◆ Assignment:
Print word for word whatever lies between the first line of the material and the line holding "world=origin(), true_north=direction((0.0, 1.0)))", both included, and omit all pictures.

◆ Entries provided:
= = = = =
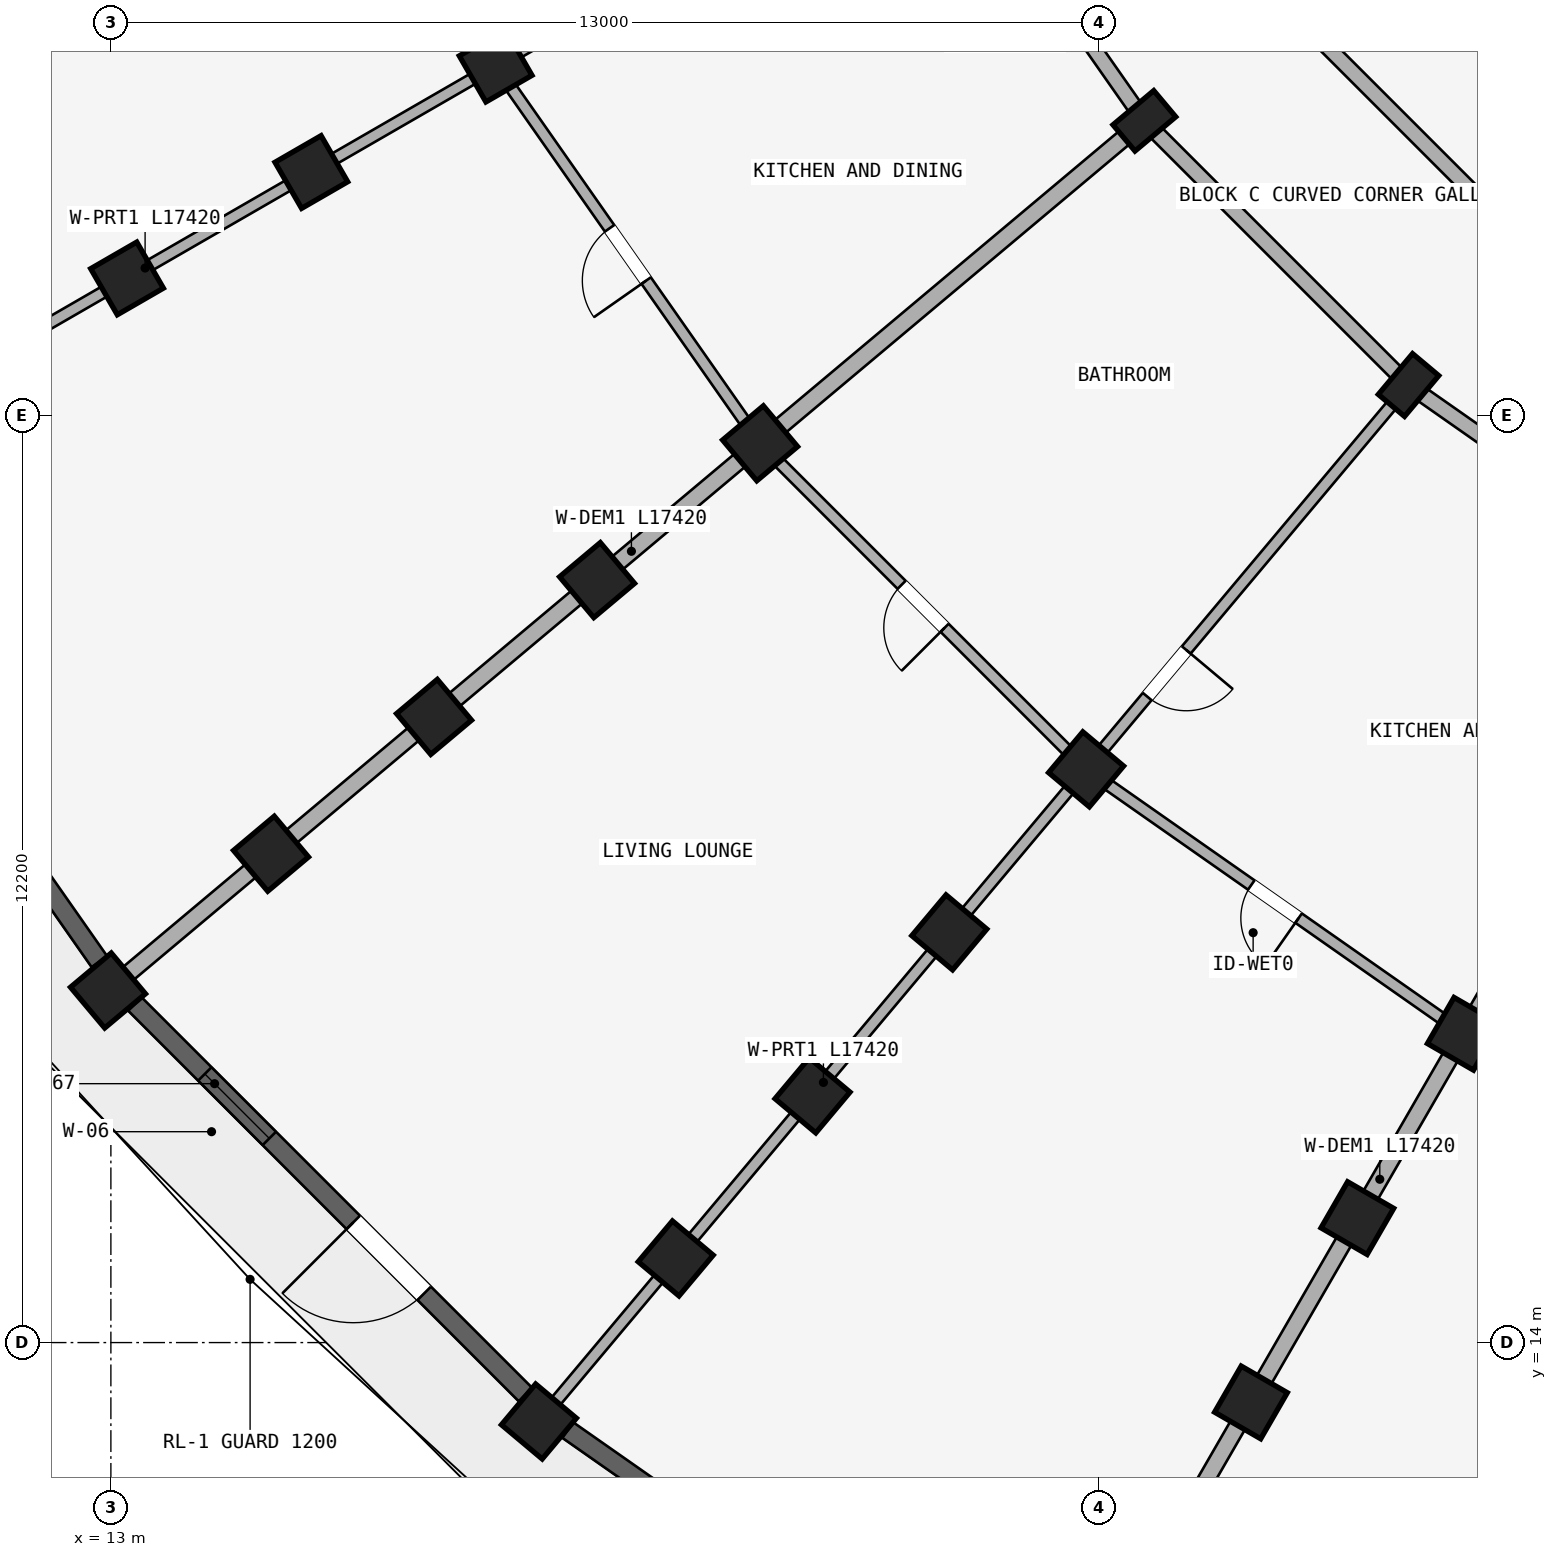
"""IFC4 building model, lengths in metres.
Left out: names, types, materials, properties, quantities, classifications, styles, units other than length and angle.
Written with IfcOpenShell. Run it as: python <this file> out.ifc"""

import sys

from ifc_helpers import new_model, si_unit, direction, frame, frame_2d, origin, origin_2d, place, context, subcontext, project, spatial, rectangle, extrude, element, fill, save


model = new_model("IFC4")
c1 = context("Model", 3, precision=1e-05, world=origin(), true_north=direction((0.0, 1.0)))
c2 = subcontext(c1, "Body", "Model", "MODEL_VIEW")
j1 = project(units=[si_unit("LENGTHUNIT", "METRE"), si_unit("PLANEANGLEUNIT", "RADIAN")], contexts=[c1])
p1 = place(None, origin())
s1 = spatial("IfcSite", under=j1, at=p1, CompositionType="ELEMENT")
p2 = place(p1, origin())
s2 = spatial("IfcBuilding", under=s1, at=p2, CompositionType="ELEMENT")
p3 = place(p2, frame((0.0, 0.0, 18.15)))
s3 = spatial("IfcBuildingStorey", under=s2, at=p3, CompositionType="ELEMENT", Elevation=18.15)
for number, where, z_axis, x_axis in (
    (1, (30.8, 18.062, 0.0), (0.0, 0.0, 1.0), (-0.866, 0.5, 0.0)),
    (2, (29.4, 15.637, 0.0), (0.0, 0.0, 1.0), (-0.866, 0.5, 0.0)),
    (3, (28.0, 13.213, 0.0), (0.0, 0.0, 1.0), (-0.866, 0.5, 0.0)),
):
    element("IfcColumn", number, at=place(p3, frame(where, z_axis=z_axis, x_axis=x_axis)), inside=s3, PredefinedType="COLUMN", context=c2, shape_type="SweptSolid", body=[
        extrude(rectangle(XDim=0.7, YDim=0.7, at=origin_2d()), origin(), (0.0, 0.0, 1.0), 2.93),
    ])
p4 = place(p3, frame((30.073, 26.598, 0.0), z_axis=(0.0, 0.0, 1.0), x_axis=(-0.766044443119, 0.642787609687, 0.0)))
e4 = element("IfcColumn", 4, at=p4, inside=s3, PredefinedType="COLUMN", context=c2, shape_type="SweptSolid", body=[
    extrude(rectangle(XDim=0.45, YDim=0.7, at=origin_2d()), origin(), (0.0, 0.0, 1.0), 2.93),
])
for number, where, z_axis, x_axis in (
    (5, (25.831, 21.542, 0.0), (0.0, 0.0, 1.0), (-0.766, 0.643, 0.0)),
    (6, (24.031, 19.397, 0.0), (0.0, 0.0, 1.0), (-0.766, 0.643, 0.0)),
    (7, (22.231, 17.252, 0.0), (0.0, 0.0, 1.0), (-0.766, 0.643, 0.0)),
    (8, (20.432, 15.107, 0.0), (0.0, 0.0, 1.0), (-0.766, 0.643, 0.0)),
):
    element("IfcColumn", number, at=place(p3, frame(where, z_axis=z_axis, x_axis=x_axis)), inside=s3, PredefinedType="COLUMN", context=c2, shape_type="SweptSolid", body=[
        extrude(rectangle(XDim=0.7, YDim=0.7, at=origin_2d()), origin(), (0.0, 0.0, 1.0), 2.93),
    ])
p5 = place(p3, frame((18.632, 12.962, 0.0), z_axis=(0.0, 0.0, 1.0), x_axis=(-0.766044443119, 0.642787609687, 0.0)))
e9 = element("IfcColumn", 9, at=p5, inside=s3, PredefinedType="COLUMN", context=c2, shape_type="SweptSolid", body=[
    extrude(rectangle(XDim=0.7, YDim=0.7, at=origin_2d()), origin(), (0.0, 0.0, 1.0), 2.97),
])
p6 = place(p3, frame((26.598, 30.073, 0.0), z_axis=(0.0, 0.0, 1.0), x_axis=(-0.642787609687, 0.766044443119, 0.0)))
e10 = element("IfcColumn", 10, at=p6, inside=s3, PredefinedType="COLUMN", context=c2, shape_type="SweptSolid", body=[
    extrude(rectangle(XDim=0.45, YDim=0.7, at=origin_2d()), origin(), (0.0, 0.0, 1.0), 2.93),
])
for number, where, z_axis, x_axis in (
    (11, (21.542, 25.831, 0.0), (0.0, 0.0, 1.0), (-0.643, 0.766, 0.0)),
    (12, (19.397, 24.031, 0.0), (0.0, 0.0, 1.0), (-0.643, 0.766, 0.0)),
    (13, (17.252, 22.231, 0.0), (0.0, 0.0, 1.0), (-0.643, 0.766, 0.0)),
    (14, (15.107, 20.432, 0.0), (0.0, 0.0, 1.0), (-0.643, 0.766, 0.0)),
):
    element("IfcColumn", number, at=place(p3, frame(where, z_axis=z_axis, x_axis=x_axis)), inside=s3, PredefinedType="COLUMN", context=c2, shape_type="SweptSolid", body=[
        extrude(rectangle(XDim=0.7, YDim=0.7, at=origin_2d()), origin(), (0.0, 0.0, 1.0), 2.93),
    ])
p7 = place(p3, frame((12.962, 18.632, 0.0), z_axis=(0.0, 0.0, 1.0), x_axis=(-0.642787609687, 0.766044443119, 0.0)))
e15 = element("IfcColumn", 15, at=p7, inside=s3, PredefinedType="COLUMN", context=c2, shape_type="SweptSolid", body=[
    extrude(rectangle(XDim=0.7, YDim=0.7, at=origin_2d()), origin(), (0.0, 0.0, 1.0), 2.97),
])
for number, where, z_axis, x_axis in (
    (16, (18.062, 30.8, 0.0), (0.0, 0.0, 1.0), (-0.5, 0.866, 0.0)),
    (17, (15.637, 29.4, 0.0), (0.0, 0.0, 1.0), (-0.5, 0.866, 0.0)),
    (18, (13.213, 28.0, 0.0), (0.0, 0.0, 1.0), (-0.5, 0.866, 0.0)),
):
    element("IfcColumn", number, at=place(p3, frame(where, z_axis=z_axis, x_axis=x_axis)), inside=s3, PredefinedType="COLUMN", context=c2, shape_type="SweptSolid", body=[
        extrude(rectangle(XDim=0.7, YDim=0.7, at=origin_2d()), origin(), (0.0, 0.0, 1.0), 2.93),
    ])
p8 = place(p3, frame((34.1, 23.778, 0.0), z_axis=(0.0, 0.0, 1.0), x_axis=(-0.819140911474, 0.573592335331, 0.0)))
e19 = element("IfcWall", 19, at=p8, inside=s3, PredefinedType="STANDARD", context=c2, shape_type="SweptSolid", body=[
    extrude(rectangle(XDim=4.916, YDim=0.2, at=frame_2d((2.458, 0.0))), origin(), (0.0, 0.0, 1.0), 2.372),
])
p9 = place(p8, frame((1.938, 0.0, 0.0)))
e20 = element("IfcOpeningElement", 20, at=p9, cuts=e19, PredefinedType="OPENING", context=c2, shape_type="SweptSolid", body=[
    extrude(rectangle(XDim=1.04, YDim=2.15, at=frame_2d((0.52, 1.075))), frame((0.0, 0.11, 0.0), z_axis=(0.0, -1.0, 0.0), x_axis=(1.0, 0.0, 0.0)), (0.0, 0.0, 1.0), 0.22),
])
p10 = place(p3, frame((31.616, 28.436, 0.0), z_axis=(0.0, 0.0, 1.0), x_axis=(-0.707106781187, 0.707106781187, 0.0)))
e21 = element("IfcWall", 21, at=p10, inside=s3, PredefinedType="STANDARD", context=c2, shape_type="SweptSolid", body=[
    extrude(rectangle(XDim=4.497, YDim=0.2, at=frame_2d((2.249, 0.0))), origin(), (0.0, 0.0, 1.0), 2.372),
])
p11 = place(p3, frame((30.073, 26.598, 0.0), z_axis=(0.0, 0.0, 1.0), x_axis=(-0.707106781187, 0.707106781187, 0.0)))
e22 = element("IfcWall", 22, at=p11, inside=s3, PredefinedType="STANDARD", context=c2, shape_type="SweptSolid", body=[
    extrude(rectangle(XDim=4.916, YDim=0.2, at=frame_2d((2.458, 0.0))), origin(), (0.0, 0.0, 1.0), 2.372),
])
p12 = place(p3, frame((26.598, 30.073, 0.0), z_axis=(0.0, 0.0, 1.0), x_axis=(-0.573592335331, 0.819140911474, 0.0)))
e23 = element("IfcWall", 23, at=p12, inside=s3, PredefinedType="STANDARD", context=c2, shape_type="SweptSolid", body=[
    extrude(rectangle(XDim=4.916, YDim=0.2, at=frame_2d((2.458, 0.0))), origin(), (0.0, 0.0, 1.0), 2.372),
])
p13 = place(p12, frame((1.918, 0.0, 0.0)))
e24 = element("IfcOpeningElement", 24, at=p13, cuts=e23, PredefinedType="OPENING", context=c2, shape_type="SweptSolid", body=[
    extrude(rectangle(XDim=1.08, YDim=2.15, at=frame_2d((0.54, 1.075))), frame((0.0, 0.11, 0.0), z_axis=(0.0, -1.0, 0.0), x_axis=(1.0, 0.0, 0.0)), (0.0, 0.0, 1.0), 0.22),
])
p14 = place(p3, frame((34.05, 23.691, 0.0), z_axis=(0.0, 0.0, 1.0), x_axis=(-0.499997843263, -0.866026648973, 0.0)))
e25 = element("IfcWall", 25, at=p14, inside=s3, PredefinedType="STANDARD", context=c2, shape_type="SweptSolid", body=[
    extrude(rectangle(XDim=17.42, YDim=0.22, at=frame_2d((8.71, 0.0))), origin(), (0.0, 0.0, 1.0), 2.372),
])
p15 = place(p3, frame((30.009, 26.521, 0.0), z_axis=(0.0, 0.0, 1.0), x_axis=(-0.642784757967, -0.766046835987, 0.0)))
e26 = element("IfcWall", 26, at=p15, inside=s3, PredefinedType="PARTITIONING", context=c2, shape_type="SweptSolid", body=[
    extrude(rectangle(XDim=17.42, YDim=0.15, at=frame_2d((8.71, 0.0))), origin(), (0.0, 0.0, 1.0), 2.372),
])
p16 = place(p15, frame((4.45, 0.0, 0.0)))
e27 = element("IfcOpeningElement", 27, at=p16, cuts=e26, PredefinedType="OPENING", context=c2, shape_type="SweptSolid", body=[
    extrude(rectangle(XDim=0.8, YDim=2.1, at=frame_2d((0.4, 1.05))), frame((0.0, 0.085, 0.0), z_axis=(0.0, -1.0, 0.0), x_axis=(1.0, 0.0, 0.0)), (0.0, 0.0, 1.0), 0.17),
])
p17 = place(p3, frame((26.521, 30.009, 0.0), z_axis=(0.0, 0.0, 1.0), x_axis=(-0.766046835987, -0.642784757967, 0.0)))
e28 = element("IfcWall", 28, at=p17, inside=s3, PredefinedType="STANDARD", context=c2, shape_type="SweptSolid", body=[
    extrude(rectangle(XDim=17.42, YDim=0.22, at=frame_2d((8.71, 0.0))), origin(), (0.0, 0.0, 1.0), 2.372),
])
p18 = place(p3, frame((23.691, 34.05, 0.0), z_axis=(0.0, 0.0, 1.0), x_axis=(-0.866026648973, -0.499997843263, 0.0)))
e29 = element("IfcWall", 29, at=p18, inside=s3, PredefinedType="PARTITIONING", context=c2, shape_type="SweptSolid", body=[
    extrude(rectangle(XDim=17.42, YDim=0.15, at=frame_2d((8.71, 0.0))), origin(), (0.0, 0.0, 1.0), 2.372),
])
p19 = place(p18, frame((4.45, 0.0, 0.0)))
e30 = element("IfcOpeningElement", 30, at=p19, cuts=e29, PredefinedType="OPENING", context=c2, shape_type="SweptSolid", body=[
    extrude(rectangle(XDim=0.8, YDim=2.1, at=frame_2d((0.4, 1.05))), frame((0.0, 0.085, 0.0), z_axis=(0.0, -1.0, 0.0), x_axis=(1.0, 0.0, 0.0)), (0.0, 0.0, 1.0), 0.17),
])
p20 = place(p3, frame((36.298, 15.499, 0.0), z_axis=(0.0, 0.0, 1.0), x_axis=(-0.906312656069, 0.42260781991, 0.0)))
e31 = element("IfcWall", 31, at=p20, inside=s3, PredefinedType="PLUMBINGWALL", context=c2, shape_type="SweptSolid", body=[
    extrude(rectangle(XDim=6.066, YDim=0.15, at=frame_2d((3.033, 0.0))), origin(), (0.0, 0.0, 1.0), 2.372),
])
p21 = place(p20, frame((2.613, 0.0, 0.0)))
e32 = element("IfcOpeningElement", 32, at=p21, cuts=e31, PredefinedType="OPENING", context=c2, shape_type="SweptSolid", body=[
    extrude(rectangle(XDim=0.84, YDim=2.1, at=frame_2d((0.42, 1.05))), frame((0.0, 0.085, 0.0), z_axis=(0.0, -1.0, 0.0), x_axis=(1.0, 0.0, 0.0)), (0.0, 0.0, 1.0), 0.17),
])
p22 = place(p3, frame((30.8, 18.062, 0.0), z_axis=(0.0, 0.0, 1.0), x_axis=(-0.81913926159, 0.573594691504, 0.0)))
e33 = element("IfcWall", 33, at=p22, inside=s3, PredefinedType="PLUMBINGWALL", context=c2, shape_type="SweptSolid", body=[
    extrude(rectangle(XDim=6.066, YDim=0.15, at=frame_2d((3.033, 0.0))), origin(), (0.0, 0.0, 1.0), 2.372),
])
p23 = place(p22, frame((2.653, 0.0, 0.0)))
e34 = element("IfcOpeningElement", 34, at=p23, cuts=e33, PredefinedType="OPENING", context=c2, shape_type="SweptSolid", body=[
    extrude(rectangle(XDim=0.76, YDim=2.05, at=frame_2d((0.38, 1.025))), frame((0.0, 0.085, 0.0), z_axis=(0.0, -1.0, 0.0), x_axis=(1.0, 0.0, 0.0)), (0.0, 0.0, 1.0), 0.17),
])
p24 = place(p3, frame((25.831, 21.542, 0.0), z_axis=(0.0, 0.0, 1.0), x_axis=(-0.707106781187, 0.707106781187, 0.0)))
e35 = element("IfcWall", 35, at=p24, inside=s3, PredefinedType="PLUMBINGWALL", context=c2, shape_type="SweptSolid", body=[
= = = = =
◆ Answer area:
"""IFC4 building model, lengths in metres.
Left out: names, types, materials, properties, quantities, classifications, styles, units other than length and angle.
Written with IfcOpenShell. Run it as: python <this file> out.ifc"""

import sys

from ifc_helpers import new_model, si_unit, direction, frame, frame_2d, origin, origin_2d, place, context, subcontext, project, spatial, rectangle, extrude, element, fill, save


model = new_model("IFC4")
c1 = context("Model", 3, precision=1e-05, world=origin(), true_north=direction((0.0, 1.0)))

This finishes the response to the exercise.